= GOAL OF THE EXERCISE =
Check each line of the records below for the word "save" and copy those where it appears.
──────
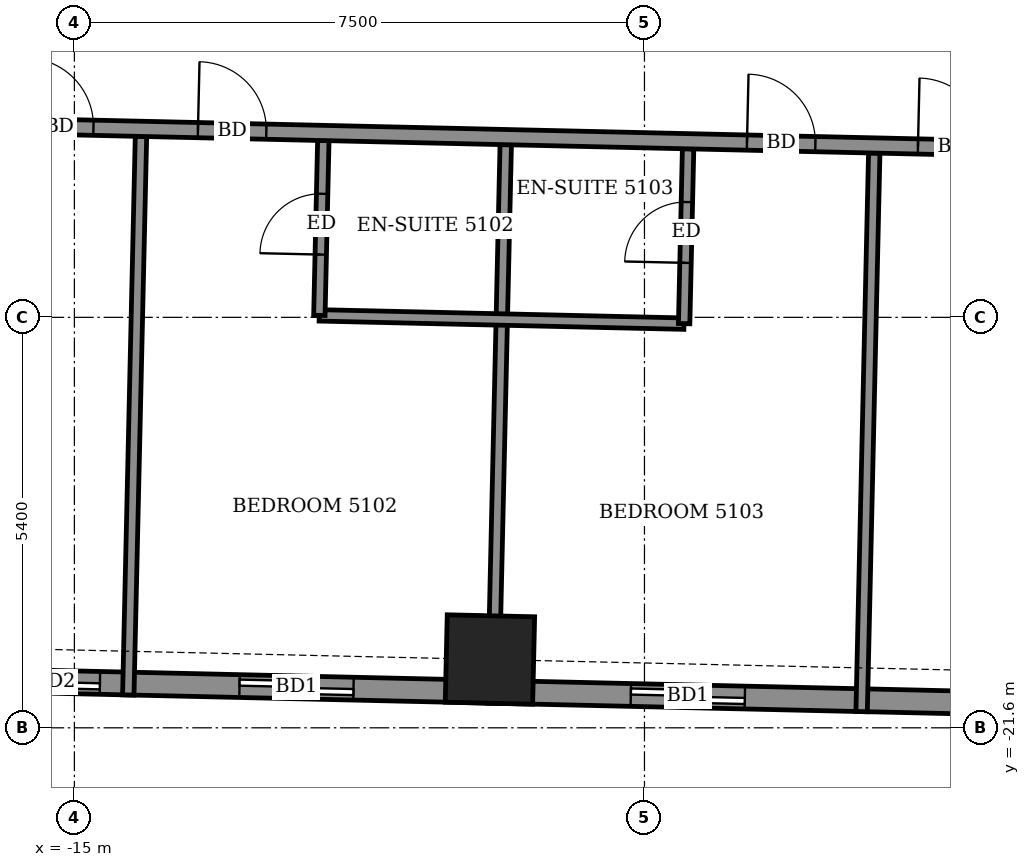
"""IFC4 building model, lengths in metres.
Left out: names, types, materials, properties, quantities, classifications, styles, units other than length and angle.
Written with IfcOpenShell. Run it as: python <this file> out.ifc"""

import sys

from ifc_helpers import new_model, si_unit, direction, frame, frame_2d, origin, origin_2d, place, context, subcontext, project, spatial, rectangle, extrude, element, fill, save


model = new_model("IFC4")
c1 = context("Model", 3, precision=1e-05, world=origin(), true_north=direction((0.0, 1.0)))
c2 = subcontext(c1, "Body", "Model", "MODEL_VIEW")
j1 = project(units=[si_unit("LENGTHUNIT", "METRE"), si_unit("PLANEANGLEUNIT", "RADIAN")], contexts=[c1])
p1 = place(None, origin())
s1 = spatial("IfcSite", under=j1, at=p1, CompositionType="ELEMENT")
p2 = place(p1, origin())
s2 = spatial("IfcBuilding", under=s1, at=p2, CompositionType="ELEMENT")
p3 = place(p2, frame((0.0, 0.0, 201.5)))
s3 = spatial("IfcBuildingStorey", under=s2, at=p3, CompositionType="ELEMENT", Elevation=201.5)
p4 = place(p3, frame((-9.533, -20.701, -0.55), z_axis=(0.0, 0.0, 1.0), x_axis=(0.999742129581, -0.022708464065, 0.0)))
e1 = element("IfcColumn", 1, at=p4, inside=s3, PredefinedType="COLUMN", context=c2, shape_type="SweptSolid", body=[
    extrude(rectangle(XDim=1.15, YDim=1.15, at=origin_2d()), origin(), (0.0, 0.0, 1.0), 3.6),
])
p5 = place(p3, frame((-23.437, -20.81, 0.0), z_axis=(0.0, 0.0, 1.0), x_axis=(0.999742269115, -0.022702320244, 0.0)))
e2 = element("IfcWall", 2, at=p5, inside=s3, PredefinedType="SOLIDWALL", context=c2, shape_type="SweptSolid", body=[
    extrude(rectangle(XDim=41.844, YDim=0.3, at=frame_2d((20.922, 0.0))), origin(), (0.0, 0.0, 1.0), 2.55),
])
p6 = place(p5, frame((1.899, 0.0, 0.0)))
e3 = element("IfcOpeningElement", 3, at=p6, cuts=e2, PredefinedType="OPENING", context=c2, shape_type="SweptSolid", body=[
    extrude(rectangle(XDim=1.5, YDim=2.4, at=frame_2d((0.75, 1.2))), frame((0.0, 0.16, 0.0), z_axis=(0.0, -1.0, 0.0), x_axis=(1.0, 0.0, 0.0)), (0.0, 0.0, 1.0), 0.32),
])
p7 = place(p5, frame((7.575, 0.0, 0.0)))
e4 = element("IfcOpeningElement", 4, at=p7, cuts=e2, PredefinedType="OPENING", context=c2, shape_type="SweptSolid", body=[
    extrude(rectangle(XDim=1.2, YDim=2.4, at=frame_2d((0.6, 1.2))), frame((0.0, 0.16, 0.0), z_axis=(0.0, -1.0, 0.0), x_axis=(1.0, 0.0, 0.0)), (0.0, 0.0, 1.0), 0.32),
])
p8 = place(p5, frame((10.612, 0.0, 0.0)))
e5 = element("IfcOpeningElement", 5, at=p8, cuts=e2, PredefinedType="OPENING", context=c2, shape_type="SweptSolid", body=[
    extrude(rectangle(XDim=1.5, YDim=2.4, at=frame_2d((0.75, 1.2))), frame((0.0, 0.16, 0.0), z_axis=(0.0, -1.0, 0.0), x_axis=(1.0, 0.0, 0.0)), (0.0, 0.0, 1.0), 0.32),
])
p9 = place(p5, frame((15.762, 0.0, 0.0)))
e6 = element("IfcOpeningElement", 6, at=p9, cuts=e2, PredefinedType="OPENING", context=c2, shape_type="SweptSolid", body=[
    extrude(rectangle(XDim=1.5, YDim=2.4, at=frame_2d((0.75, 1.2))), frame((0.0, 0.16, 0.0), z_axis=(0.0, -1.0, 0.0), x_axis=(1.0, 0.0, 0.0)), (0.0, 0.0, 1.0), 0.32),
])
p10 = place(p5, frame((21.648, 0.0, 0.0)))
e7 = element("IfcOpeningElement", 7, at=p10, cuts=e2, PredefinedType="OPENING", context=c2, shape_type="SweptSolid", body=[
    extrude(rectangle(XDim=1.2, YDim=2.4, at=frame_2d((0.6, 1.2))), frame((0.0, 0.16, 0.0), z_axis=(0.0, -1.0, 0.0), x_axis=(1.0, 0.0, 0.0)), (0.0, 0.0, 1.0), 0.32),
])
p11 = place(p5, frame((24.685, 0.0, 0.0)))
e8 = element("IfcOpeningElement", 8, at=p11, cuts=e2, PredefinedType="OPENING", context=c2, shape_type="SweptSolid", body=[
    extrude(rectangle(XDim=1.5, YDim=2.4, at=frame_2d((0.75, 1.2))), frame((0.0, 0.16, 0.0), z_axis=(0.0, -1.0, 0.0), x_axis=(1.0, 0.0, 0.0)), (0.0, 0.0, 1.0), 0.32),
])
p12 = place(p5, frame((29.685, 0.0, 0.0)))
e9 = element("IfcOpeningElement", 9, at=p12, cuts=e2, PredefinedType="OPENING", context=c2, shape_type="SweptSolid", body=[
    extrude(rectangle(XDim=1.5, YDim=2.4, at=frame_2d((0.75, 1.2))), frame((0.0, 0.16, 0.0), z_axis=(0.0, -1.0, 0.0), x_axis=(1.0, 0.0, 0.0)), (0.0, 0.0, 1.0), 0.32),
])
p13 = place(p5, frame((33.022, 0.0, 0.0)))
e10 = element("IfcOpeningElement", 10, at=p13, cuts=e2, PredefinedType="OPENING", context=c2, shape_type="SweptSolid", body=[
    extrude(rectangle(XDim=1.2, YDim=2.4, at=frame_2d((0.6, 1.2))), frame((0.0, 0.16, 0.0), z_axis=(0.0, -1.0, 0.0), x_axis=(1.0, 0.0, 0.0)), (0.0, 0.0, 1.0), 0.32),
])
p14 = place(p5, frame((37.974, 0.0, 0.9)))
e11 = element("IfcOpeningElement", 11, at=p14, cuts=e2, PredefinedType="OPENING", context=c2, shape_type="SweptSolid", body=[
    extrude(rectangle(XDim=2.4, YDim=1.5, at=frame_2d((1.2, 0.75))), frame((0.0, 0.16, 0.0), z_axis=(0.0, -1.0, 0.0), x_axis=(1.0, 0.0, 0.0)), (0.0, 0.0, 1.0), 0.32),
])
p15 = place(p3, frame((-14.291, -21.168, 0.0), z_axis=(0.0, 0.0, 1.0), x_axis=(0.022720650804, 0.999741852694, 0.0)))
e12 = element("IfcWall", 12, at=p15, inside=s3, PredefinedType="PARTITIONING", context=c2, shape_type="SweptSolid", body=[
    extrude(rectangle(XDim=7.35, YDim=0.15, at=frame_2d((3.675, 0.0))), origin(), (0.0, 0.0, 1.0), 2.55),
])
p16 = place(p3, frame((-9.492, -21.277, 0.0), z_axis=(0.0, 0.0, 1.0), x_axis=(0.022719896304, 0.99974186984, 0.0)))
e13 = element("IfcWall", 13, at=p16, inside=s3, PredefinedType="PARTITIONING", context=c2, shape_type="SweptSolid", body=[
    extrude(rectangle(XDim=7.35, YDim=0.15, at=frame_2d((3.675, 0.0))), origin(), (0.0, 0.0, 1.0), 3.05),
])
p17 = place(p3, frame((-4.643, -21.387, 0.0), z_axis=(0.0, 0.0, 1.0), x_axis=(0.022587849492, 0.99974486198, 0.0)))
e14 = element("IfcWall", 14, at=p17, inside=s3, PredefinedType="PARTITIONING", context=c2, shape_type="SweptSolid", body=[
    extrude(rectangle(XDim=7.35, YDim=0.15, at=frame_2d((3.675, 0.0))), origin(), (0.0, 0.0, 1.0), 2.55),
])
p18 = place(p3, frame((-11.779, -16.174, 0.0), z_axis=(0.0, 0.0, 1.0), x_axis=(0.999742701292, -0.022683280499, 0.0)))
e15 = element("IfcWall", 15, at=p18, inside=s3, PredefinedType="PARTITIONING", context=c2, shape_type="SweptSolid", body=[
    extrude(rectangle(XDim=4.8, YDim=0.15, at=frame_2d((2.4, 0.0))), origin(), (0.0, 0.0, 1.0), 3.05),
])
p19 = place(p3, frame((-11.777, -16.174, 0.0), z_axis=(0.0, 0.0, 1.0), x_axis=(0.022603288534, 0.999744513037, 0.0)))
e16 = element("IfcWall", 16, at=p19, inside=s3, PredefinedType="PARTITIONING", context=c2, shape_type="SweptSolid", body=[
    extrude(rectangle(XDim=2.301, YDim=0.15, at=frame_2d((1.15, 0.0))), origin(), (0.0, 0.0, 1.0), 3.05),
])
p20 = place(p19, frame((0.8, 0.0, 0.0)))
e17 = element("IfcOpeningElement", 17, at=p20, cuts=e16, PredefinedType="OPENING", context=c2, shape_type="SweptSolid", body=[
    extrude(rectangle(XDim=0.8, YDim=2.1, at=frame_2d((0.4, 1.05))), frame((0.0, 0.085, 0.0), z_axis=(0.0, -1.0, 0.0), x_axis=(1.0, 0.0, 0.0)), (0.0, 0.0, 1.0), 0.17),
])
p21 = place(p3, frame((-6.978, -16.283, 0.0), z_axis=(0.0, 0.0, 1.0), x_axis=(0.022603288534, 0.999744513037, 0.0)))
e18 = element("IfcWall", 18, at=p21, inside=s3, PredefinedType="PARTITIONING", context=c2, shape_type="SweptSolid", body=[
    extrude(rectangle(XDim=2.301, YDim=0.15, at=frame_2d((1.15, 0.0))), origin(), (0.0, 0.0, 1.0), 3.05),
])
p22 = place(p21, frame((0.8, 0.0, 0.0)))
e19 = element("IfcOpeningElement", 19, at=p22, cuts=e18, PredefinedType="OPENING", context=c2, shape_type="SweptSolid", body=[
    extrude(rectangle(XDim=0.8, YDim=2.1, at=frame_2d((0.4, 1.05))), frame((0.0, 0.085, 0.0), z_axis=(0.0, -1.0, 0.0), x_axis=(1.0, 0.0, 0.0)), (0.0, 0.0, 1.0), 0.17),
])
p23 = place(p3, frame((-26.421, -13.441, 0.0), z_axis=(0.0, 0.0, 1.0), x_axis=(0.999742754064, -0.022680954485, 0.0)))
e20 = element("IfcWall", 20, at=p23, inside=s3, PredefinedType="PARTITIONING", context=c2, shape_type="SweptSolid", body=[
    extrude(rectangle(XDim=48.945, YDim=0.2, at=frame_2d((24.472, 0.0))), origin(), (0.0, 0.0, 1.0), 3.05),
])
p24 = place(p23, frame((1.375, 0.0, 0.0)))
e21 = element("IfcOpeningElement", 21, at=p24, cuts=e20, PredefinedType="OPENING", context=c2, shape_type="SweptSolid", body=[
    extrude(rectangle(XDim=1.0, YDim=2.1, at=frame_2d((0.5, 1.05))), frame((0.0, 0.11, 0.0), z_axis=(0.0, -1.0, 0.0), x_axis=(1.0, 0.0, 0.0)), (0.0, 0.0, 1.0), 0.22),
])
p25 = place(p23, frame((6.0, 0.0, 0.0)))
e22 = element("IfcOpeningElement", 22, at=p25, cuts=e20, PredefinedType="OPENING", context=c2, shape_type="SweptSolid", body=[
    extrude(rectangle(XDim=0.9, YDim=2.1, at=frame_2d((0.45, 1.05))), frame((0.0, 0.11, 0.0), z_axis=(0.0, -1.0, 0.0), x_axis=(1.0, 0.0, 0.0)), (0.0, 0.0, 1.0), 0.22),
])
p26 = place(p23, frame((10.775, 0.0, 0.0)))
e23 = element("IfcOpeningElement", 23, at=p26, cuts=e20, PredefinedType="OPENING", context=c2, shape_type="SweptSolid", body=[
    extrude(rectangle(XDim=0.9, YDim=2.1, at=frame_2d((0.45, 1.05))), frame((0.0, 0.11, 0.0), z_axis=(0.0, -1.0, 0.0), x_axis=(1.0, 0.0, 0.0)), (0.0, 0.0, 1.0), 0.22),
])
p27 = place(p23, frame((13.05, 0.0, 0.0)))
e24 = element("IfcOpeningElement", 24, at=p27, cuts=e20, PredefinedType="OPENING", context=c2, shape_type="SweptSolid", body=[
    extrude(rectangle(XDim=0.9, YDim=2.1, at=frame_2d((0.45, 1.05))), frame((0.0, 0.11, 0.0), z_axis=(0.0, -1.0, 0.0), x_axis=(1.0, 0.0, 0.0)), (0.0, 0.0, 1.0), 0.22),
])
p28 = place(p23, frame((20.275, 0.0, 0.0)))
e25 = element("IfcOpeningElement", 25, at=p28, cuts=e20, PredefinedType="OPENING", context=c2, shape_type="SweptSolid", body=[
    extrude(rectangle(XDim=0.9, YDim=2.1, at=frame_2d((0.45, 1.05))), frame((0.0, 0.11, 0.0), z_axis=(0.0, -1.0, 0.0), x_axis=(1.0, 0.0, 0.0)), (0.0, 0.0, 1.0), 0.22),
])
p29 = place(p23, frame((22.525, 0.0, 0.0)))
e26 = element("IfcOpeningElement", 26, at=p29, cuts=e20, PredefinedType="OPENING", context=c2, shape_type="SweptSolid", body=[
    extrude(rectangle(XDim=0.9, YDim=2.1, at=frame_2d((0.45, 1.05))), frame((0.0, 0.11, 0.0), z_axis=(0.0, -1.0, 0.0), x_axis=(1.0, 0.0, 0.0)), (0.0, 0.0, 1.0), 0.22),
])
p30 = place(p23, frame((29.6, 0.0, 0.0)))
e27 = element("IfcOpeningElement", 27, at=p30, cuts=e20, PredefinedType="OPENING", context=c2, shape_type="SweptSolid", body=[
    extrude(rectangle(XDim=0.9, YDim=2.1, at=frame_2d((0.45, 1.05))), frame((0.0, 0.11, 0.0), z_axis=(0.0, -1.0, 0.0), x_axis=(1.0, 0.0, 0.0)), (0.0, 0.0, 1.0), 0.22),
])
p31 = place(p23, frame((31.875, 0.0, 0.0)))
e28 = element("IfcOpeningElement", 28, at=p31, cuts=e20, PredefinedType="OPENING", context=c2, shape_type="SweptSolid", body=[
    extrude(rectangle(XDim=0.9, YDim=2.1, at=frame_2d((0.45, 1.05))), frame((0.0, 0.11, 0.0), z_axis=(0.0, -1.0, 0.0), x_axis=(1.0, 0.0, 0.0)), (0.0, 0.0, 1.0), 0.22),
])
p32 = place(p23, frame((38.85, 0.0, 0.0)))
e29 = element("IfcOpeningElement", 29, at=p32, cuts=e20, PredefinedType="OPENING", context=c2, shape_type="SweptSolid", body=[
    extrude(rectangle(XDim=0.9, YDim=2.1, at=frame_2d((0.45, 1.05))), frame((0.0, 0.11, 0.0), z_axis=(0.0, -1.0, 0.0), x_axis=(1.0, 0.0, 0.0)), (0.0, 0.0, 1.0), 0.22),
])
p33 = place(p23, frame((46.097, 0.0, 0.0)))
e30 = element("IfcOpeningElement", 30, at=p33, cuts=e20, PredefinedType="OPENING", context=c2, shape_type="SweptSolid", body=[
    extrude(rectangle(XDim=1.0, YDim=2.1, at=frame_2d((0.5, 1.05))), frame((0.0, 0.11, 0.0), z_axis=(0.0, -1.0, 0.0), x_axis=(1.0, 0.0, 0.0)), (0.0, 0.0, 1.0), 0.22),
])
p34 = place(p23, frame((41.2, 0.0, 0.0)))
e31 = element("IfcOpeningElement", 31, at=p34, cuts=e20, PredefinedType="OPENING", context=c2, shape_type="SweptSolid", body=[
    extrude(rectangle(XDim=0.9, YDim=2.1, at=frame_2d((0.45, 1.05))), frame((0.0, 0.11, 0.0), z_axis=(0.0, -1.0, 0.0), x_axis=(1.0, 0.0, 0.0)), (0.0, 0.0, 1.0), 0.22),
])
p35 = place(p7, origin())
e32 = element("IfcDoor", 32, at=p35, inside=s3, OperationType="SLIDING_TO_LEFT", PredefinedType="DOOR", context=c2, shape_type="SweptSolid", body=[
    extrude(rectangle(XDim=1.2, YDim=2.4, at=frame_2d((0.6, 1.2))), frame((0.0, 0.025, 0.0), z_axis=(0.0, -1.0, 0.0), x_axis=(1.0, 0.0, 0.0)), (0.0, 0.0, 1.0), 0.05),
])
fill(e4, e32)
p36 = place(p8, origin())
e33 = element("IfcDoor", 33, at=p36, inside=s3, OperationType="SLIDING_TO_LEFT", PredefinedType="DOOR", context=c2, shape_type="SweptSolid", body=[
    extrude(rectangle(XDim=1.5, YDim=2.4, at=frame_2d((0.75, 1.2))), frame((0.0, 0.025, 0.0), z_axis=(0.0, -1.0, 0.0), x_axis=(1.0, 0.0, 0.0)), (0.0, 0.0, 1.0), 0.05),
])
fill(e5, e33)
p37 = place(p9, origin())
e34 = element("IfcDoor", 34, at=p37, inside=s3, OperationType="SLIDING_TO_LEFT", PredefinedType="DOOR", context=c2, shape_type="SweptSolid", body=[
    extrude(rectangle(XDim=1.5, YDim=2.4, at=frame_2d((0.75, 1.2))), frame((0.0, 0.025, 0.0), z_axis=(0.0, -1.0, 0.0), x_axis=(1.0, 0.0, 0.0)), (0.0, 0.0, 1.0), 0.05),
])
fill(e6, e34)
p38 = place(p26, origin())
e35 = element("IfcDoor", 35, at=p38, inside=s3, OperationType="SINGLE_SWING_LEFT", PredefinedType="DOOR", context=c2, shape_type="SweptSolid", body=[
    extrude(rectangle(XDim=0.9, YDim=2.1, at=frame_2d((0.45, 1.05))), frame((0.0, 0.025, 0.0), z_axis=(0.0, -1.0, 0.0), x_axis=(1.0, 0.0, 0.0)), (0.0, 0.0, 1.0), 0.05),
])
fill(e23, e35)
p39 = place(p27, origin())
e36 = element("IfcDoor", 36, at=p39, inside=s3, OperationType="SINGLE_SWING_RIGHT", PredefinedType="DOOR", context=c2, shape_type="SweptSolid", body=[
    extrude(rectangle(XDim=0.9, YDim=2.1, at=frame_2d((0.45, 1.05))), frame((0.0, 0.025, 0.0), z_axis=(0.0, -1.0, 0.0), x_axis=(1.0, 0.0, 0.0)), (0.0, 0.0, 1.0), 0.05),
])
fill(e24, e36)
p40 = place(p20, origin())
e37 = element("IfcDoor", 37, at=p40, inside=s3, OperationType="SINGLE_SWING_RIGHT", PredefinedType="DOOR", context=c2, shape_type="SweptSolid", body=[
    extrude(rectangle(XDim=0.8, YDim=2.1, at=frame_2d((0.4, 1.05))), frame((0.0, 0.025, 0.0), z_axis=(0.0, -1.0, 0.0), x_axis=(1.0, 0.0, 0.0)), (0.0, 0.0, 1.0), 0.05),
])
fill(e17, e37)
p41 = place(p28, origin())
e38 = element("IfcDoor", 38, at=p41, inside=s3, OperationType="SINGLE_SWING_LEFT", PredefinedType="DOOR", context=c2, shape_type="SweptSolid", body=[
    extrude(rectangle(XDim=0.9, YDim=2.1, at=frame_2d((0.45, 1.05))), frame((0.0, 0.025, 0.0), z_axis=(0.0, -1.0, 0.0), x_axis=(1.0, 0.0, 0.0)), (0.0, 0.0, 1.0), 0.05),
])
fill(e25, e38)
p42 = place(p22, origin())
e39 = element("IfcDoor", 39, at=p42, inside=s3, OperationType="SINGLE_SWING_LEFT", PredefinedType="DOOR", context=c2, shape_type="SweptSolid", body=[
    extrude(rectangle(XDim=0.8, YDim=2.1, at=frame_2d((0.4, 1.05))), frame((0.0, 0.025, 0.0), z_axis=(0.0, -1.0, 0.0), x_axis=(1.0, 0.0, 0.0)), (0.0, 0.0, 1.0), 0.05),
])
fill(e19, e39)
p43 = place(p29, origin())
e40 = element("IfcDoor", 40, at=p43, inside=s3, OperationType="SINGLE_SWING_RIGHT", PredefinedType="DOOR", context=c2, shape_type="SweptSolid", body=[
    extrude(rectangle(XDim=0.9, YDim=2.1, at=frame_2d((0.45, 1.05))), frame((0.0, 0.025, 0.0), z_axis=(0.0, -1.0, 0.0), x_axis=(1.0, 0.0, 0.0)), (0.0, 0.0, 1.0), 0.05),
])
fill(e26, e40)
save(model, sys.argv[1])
──────
= TASK RESPONSE =
from ifc_helpers import new_model, si_unit, direction, frame, frame_2d, origin, origin_2d, place, context, subcontext, project, spatial, rectangle, extrude, element, fill, save
save(model, sys.argv[1])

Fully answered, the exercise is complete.